Task to complete
Please return the lines below verbatim, beginning at the one that has "#279=LINE('',#276,#278);" and stopping after the one that has "#332=ADVANCED_FACE('',(#326),#331,.F.);", and add no other lines.

(Stored items)
────

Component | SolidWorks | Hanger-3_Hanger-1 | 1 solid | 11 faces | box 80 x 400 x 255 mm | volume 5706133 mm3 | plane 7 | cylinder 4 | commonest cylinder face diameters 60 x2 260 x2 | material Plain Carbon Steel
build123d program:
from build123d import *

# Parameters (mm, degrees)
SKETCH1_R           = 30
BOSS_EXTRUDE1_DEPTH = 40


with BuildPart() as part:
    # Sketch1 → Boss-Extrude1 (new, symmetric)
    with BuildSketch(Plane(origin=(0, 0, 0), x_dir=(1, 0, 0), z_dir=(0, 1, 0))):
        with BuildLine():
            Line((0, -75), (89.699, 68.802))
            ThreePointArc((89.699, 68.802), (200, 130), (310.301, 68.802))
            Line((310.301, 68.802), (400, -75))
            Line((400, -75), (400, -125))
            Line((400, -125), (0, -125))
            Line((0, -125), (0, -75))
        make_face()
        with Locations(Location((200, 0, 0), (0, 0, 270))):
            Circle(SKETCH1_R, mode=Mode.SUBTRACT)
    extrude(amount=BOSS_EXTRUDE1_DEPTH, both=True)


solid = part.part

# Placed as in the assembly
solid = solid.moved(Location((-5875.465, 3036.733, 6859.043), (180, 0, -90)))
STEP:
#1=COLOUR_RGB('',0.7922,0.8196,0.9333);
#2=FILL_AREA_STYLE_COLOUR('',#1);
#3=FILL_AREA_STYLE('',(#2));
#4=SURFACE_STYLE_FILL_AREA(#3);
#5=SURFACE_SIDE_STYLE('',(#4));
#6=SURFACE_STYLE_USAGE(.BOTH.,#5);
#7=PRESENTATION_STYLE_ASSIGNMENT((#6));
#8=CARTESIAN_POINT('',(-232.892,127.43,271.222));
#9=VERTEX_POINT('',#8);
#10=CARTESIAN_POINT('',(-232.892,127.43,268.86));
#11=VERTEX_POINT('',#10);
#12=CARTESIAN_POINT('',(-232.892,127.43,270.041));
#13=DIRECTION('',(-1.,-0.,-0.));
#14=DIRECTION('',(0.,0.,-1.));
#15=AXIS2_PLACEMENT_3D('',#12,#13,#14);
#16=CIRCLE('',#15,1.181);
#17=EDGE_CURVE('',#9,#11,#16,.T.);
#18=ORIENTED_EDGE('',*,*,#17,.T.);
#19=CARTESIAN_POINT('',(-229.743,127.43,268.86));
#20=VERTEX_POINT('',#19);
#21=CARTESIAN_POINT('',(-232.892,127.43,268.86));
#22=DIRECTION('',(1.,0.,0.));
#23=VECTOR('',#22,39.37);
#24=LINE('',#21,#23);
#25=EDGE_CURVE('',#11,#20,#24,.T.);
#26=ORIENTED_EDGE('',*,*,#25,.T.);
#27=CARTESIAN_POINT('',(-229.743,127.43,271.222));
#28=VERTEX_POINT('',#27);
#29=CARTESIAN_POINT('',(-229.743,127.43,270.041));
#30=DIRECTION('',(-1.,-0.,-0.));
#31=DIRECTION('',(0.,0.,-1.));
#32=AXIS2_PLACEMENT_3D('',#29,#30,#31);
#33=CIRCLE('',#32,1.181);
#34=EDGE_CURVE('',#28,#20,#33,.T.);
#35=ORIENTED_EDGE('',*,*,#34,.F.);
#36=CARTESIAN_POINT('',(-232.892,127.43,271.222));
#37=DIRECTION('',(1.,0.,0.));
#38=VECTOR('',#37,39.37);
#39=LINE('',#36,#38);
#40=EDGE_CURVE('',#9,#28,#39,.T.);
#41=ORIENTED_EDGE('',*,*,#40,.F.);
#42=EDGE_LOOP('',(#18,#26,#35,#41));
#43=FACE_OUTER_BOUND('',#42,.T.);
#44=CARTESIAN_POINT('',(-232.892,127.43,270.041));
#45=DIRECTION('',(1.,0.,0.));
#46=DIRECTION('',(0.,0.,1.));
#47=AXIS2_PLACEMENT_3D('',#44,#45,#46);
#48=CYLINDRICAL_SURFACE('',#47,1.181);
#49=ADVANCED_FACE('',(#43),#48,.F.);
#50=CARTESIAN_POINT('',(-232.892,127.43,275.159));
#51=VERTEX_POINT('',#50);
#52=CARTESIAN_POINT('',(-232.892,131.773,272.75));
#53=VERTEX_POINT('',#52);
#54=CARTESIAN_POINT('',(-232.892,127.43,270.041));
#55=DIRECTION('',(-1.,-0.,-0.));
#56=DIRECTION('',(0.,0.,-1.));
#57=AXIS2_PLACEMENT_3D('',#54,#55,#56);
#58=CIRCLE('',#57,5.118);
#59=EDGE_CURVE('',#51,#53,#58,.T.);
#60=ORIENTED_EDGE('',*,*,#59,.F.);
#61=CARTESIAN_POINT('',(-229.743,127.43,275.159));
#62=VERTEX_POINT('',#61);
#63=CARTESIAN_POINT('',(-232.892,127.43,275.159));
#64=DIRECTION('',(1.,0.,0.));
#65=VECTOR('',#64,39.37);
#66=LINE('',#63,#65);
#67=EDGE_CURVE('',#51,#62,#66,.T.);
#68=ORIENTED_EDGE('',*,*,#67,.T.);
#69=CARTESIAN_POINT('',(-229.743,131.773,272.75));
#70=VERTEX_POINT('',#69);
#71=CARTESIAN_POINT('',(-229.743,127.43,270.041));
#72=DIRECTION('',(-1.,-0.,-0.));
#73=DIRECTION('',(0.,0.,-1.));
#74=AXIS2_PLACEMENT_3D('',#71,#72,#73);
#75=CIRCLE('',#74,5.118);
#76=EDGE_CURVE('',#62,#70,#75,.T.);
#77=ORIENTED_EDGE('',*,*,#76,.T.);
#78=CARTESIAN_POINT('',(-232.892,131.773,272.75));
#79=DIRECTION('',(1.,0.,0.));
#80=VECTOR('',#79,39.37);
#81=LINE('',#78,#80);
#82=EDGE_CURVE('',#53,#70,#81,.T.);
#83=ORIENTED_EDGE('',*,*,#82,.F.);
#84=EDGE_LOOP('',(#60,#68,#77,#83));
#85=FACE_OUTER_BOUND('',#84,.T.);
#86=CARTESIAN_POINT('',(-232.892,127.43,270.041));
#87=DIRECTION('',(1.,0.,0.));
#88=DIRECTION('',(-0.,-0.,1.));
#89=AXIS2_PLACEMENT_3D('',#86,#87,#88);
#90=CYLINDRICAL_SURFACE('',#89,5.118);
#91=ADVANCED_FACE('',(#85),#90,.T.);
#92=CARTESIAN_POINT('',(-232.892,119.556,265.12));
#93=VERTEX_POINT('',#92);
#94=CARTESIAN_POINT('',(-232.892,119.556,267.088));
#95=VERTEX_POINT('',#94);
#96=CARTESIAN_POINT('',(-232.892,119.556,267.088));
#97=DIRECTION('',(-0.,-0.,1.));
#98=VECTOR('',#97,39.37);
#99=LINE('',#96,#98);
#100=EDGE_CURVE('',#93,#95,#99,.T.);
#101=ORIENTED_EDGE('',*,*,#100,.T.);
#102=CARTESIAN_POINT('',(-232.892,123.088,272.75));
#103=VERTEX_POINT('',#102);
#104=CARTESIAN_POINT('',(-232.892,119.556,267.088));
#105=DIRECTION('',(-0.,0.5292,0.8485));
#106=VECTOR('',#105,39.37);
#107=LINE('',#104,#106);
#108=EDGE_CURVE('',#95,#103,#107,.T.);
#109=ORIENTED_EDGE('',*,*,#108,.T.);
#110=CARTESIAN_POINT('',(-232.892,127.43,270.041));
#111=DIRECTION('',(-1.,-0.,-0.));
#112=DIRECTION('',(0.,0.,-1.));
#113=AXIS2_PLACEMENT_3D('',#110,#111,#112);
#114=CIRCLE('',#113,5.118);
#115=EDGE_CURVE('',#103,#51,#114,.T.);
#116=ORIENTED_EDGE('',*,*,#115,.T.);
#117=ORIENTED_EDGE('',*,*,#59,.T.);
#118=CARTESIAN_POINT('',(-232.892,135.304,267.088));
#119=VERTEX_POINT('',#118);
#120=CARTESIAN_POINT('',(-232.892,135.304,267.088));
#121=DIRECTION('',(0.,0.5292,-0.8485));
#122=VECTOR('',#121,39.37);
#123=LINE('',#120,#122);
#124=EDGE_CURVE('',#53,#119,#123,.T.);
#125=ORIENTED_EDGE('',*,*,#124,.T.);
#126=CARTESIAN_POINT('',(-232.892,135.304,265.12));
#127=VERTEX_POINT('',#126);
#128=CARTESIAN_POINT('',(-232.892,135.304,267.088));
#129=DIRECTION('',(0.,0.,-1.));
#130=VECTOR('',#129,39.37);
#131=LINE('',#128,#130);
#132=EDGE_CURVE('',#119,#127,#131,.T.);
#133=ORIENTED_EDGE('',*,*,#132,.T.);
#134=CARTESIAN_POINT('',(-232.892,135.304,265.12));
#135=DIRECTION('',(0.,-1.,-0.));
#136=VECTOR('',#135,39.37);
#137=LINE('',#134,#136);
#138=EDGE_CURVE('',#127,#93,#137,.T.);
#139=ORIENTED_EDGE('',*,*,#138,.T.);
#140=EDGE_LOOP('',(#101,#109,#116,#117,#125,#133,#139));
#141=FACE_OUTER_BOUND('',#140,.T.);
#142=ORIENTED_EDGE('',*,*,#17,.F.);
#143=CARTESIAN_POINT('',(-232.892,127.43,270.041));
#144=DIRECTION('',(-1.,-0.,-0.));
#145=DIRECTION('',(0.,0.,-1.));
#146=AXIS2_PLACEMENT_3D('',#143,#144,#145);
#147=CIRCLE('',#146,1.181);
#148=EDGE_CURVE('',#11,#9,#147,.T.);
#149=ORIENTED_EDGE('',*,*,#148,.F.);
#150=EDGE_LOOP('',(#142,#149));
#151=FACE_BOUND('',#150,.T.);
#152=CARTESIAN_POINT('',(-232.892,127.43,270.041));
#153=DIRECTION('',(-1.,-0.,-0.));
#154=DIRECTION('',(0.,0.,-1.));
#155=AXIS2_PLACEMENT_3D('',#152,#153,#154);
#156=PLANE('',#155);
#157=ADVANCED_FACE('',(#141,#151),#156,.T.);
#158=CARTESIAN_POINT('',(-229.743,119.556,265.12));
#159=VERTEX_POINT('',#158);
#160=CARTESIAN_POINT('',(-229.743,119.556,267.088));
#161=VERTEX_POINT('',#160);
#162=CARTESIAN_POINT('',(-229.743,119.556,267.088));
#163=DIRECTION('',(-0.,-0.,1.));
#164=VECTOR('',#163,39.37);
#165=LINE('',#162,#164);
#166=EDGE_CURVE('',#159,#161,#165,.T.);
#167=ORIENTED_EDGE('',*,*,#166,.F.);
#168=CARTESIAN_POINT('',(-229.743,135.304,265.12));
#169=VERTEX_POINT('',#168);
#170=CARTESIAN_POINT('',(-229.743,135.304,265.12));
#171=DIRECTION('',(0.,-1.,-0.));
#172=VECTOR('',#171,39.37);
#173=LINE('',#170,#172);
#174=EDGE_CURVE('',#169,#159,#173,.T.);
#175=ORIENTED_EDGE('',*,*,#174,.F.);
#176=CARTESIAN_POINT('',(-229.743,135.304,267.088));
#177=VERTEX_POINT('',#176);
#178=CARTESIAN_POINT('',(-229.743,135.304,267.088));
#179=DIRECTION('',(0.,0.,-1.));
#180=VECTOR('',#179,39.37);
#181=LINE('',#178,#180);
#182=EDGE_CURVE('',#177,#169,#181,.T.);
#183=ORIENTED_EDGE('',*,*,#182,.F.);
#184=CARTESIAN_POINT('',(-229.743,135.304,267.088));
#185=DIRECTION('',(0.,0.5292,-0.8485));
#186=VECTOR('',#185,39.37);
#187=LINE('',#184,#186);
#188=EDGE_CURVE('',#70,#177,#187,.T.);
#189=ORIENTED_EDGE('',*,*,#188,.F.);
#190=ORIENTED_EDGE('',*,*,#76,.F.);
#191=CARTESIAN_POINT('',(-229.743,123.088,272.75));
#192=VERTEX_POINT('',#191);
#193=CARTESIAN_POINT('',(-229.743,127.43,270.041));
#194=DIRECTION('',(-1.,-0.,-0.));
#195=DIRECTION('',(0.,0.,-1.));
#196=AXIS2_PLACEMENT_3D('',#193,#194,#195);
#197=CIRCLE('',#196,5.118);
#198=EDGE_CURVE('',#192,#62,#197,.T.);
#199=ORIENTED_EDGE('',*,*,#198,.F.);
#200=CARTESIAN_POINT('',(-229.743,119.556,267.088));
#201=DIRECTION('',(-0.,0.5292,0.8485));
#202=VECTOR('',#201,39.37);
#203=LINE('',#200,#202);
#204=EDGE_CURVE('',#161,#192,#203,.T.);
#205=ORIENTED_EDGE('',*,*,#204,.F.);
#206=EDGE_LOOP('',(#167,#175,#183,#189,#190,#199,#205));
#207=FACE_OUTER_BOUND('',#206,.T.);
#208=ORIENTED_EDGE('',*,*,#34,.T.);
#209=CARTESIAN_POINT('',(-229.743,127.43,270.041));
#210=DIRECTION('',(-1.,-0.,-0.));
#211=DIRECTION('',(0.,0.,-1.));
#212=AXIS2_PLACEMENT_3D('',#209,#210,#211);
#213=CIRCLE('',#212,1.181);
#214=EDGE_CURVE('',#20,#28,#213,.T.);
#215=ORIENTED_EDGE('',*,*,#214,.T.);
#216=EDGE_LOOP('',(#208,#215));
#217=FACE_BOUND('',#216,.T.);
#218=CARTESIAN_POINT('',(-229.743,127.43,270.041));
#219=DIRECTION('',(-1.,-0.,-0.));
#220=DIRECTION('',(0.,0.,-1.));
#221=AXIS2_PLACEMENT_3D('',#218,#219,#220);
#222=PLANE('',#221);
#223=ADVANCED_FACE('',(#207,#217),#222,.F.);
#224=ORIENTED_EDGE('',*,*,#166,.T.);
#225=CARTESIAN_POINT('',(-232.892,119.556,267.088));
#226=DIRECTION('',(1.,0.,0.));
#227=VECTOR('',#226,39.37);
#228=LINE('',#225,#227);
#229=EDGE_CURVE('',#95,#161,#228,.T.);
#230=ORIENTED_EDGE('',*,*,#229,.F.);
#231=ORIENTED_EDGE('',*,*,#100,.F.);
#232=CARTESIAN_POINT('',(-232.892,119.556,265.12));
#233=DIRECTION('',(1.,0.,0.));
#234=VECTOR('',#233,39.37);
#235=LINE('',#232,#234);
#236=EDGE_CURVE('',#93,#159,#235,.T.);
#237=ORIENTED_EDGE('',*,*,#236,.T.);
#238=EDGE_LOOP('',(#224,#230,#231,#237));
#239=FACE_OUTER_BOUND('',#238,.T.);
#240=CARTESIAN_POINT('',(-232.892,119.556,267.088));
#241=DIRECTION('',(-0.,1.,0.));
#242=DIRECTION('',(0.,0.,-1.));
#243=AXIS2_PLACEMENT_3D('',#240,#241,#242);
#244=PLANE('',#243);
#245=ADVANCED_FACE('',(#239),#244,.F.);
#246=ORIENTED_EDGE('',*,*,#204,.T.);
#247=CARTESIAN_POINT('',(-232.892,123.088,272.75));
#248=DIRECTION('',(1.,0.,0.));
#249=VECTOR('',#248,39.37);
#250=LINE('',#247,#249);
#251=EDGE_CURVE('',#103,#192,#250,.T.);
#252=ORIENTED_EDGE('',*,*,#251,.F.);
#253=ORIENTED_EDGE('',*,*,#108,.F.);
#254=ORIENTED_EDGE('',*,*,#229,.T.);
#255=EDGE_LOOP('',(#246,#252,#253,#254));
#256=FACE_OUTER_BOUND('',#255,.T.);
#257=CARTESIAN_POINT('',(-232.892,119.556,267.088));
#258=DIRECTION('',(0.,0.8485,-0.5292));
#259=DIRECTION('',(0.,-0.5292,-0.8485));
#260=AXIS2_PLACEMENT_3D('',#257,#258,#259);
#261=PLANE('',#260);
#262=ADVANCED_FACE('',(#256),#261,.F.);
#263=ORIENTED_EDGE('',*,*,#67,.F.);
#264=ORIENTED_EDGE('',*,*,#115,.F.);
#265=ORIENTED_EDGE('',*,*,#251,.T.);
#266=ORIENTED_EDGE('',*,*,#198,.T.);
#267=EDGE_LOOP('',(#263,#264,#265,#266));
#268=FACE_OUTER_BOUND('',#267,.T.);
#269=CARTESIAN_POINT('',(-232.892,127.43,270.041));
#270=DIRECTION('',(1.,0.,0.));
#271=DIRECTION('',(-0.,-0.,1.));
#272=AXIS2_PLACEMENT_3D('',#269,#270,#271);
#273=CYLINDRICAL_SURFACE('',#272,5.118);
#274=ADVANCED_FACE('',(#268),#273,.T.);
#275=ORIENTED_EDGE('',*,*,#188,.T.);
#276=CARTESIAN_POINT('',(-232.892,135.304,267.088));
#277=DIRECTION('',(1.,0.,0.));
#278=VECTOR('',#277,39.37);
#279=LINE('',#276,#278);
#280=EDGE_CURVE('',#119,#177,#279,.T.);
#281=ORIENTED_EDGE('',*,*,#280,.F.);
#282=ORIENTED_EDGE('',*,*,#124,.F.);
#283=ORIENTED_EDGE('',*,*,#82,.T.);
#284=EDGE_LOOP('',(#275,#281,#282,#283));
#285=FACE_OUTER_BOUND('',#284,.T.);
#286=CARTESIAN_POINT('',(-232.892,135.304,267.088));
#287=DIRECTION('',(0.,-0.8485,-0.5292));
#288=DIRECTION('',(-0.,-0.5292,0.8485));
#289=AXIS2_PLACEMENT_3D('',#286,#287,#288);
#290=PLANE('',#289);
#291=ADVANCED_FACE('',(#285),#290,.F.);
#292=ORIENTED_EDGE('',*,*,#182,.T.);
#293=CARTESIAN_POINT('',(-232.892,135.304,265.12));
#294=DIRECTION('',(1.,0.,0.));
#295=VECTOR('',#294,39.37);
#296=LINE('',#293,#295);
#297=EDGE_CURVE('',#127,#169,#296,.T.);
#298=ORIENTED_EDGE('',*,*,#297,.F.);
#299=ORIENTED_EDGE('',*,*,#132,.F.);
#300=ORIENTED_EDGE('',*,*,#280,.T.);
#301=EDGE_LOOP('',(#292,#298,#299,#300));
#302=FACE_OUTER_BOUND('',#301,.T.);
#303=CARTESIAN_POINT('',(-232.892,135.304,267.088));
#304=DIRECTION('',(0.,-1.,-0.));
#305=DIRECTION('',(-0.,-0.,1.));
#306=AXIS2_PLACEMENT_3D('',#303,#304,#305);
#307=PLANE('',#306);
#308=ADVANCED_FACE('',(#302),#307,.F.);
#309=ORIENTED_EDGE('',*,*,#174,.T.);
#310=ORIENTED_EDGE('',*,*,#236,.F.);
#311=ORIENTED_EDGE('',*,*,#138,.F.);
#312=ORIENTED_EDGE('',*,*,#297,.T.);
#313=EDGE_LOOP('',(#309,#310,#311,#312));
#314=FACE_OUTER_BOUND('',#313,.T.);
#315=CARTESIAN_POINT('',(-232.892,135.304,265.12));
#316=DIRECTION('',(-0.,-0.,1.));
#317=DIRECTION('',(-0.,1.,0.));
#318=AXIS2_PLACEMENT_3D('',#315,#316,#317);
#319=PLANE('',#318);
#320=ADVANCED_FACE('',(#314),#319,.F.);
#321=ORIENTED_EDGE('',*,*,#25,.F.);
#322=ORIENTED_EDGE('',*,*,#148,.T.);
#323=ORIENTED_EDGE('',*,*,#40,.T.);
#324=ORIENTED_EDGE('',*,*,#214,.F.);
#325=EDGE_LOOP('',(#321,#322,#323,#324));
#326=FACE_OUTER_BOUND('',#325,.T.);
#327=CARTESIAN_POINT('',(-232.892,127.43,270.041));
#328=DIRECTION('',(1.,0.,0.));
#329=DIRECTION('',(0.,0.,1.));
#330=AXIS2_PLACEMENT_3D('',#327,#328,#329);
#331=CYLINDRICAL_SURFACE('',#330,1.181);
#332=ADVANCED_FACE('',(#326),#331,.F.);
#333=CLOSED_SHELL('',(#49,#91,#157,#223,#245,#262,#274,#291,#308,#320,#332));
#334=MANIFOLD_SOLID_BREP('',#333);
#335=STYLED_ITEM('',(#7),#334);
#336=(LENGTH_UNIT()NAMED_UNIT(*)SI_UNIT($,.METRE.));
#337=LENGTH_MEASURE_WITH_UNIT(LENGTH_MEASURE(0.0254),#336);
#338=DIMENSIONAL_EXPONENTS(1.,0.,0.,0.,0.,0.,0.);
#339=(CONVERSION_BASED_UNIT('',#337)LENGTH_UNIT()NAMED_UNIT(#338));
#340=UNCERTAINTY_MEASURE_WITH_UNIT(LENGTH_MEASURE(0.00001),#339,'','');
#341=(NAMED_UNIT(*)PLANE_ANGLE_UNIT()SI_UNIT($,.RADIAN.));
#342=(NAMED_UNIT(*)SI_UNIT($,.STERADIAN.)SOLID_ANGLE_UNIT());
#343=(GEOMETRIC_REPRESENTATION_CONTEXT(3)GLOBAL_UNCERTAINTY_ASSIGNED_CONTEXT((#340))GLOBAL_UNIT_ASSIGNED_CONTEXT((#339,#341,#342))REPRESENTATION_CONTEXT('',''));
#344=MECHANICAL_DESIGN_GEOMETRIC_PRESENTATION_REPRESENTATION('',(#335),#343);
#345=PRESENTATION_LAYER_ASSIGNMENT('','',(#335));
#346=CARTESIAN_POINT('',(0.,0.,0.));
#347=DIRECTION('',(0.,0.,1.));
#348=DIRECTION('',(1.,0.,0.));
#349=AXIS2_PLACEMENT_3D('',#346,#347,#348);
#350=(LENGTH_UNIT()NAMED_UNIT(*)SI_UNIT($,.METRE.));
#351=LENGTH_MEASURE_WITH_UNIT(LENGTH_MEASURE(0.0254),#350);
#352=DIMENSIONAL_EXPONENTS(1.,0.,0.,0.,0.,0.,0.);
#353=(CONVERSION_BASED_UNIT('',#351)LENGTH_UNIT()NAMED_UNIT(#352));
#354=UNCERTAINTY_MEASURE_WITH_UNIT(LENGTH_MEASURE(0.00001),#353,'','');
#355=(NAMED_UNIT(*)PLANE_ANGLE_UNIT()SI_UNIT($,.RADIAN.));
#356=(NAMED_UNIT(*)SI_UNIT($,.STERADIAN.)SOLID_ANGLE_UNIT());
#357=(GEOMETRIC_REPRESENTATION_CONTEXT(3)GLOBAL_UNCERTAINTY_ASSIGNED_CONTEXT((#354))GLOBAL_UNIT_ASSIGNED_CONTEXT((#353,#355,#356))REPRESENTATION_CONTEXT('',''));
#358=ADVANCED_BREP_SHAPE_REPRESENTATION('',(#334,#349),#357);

────

Reply to the task
#279=LINE('',#276,#278);
#280=EDGE_CURVE('',#119,#177,#279,.T.);
#281=ORIENTED_EDGE('',*,*,#280,.F.);
#282=ORIENTED_EDGE('',*,*,#124,.F.);
#283=ORIENTED_EDGE('',*,*,#82,.T.);
#284=EDGE_LOOP('',(#275,#281,#282,#283));
#285=FACE_OUTER_BOUND('',#284,.T.);
#286=CARTESIAN_POINT('',(-232.892,135.304,267.088));
#287=DIRECTION('',(0.,-0.8485,-0.5292));
#288=DIRECTION('',(-0.,-0.5292,0.8485));
#289=AXIS2_PLACEMENT_3D('',#286,#287,#288);
#290=PLANE('',#289);
#291=ADVANCED_FACE('',(#285),#290,.F.);
#292=ORIENTED_EDGE('',*,*,#182,.T.);
#293=CARTESIAN_POINT('',(-232.892,135.304,265.12));
#294=DIRECTION('',(1.,0.,0.));
#295=VECTOR('',#294,39.37);
#296=LINE('',#293,#295);
#297=EDGE_CURVE('',#127,#169,#296,.T.);
#298=ORIENTED_EDGE('',*,*,#297,.F.);
#299=ORIENTED_EDGE('',*,*,#132,.F.);
#300=ORIENTED_EDGE('',*,*,#280,.T.);
#301=EDGE_LOOP('',(#292,#298,#299,#300));
#302=FACE_OUTER_BOUND('',#301,.T.);
#303=CARTESIAN_POINT('',(-232.892,135.304,267.088));
#304=DIRECTION('',(0.,-1.,-0.));
#305=DIRECTION('',(-0.,-0.,1.));
#306=AXIS2_PLACEMENT_3D('',#303,#304,#305);
#307=PLANE('',#306);
#308=ADVANCED_FACE('',(#302),#307,.F.);
#309=ORIENTED_EDGE('',*,*,#174,.T.);
#310=ORIENTED_EDGE('',*,*,#236,.F.);
#311=ORIENTED_EDGE('',*,*,#138,.F.);
#312=ORIENTED_EDGE('',*,*,#297,.T.);
#313=EDGE_LOOP('',(#309,#310,#311,#312));
#314=FACE_OUTER_BOUND('',#313,.T.);
#315=CARTESIAN_POINT('',(-232.892,135.304,265.12));
#316=DIRECTION('',(-0.,-0.,1.));
#317=DIRECTION('',(-0.,1.,0.));
#318=AXIS2_PLACEMENT_3D('',#315,#316,#317);
#319=PLANE('',#318);
#320=ADVANCED_FACE('',(#314),#319,.F.);
#321=ORIENTED_EDGE('',*,*,#25,.F.);
#322=ORIENTED_EDGE('',*,*,#148,.T.);
#323=ORIENTED_EDGE('',*,*,#40,.T.);
#324=ORIENTED_EDGE('',*,*,#214,.F.);
#325=EDGE_LOOP('',(#321,#322,#323,#324));
#326=FACE_OUTER_BOUND('',#325,.T.);
#327=CARTESIAN_POINT('',(-232.892,127.43,270.041));
#328=DIRECTION('',(1.,0.,0.));
#329=DIRECTION('',(0.,0.,1.));
#330=AXIS2_PLACEMENT_3D('',#327,#328,#329);
#331=CYLINDRICAL_SURFACE('',#330,1.181);
#332=ADVANCED_FACE('',(#326),#331,.F.);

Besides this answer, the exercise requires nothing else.